▸ TASK DIRECTIONS:
Entries follow. Return each line that contains the word "under".

Data records:

- - -

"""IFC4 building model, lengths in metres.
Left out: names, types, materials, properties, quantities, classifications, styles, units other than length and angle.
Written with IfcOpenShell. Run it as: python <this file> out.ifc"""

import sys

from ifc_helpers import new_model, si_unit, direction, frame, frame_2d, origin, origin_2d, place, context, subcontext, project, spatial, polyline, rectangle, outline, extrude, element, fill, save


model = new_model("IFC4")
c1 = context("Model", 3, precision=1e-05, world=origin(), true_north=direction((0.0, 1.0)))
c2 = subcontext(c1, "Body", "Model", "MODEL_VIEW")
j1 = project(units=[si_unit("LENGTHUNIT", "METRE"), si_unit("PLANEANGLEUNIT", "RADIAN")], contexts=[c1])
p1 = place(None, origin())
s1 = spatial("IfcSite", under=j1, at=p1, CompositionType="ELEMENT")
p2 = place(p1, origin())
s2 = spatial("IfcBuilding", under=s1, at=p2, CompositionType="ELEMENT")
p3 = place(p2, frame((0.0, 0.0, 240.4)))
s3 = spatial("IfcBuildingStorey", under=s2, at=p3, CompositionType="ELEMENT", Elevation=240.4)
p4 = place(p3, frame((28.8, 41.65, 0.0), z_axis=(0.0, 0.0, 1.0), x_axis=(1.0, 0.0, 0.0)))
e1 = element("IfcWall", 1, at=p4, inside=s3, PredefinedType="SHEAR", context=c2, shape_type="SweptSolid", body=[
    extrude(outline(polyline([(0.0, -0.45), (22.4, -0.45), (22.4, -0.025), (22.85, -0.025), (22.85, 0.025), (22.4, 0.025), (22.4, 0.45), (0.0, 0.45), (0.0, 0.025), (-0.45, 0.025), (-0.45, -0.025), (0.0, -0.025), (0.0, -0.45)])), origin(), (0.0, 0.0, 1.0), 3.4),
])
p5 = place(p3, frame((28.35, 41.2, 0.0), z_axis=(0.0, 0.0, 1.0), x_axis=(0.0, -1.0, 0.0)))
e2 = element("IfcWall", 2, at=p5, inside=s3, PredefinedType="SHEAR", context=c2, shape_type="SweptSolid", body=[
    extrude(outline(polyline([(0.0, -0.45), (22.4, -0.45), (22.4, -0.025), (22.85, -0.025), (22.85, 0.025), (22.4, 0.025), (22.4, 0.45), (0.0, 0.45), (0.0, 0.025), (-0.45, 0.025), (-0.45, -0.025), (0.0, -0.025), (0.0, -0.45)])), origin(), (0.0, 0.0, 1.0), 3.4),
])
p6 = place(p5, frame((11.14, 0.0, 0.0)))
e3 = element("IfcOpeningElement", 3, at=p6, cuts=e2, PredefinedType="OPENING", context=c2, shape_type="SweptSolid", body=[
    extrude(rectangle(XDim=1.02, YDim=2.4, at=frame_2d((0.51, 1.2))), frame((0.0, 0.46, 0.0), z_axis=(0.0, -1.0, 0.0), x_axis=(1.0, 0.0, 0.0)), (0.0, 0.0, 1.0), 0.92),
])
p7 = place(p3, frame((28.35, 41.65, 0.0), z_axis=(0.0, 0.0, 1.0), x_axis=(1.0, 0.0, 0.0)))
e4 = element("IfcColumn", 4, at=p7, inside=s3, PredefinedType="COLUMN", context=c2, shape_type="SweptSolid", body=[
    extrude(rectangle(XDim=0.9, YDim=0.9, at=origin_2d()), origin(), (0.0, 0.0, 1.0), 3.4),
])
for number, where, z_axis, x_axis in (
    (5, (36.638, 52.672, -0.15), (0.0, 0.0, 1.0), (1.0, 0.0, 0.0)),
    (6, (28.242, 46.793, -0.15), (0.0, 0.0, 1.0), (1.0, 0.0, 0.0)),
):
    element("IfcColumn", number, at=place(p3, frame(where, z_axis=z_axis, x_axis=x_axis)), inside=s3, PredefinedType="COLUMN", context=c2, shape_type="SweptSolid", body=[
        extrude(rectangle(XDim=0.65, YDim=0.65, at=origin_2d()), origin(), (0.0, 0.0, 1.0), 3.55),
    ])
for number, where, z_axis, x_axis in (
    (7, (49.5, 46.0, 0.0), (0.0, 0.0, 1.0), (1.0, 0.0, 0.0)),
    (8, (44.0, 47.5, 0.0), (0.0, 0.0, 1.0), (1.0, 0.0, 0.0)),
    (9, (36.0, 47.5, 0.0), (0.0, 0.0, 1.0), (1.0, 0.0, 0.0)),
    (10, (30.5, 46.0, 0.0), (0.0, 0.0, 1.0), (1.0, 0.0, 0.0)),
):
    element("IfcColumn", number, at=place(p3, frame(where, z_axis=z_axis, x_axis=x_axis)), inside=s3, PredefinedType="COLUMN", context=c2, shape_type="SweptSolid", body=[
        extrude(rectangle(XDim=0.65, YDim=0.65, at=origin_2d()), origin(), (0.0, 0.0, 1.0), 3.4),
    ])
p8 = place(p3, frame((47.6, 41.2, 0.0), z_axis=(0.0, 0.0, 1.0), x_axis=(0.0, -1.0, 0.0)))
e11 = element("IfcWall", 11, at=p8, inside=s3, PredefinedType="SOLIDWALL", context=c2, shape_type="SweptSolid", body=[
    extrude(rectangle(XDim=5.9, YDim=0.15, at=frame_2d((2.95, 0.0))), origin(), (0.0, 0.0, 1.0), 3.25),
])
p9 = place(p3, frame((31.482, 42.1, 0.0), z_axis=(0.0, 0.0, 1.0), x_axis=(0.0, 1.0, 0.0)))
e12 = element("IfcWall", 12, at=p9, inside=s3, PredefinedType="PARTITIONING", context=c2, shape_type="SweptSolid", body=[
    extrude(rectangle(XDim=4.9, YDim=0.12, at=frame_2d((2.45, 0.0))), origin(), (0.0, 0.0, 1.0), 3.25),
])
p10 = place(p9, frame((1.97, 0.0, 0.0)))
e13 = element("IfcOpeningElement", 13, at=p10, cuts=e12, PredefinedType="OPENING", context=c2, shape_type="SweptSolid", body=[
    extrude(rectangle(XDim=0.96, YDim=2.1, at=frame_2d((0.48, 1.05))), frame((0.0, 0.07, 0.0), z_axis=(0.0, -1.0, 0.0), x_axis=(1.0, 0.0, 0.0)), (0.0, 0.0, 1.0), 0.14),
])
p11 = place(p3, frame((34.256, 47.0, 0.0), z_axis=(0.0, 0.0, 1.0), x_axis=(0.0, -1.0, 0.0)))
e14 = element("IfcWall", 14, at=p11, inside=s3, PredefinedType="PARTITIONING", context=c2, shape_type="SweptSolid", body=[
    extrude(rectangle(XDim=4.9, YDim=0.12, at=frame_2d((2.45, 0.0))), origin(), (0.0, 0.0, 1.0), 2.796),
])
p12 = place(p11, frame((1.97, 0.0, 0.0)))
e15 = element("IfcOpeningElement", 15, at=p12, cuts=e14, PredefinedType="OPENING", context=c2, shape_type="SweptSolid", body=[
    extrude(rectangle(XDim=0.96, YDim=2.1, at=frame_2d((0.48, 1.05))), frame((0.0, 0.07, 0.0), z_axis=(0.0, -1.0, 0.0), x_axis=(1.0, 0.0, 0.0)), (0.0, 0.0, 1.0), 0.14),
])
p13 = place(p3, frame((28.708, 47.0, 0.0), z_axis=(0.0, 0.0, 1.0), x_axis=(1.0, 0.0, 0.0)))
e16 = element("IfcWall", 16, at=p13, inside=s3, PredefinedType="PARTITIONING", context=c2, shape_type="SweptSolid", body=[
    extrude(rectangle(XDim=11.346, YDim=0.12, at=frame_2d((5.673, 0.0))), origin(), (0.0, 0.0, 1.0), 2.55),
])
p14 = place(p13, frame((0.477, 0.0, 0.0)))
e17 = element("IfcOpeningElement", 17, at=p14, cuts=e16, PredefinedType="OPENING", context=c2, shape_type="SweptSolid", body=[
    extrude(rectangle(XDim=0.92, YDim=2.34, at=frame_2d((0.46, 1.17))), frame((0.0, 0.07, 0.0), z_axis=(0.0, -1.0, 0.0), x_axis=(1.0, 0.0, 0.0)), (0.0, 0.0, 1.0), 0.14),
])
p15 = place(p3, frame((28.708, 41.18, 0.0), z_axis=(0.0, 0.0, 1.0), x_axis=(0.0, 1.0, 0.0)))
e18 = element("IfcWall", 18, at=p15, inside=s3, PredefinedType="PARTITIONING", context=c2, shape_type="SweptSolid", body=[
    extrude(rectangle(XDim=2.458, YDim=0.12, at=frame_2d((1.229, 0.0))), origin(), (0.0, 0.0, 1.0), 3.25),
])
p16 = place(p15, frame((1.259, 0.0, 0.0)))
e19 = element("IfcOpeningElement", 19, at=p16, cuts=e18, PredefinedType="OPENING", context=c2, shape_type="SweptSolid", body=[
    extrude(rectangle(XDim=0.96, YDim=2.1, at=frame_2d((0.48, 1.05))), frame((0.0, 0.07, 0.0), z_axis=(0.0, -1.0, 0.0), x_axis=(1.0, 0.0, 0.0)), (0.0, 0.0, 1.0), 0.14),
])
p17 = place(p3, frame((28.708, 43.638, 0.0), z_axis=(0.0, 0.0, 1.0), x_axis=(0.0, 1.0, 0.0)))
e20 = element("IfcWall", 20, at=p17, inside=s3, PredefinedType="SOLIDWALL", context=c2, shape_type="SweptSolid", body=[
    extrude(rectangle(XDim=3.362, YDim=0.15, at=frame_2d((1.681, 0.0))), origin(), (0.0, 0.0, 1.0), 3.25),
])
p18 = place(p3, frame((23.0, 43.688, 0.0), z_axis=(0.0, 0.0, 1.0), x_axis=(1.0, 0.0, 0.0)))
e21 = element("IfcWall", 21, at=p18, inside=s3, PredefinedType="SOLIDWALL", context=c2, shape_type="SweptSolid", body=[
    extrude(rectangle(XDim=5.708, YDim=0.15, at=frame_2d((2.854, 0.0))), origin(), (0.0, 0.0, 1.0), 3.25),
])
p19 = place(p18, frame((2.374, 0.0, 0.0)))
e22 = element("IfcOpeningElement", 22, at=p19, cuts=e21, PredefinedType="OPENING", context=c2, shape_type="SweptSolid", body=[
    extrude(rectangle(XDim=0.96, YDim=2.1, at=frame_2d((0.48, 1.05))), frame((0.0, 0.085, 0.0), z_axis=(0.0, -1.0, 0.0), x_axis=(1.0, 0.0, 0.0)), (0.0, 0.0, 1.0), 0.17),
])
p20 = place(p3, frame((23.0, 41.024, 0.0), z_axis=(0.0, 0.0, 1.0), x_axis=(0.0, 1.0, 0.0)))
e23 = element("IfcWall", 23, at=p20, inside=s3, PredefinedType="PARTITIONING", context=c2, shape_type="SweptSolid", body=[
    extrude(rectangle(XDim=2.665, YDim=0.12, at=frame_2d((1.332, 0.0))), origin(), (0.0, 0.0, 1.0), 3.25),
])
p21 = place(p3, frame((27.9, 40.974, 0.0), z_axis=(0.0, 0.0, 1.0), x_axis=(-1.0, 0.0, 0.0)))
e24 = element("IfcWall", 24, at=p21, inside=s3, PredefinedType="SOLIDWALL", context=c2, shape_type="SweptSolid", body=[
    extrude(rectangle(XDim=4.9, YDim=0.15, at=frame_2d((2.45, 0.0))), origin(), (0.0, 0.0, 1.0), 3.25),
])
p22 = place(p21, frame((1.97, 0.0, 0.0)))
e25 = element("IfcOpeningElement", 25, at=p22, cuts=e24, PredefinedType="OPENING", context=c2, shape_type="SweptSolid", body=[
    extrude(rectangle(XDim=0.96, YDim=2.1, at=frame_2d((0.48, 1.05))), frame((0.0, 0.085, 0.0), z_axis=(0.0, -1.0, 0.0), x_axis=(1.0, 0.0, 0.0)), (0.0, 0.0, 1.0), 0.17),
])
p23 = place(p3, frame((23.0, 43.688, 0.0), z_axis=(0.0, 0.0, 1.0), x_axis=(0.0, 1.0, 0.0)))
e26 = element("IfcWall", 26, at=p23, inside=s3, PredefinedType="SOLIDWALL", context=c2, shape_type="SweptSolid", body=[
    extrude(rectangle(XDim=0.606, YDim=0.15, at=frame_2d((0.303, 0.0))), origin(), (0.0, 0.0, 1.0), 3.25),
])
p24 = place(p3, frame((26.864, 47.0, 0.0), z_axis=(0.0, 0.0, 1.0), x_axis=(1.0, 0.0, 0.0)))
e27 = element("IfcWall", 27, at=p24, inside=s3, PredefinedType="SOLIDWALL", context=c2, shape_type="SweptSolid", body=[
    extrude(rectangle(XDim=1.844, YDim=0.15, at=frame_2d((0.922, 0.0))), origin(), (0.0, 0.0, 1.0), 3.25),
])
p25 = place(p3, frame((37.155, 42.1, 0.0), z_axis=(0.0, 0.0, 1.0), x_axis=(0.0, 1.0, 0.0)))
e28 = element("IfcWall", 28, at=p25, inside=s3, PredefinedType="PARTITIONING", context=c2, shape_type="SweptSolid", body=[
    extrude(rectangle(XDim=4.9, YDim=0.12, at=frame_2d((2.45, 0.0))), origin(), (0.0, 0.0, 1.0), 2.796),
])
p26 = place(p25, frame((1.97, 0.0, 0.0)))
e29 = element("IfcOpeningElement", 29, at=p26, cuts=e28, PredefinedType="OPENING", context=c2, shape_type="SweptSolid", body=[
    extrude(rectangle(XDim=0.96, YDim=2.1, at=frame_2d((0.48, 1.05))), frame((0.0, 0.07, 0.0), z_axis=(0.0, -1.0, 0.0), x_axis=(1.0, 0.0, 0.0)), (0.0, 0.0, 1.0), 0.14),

- - -

▸ SOLUTION FOR THIS TASK:
s1 = spatial("IfcSite", under=j1, at=p1, CompositionType="ELEMENT")
s2 = spatial("IfcBuilding", under=s1, at=p2, CompositionType="ELEMENT")
s3 = spatial("IfcBuildingStorey", under=s2, at=p3, CompositionType="ELEMENT", Elevation=240.4)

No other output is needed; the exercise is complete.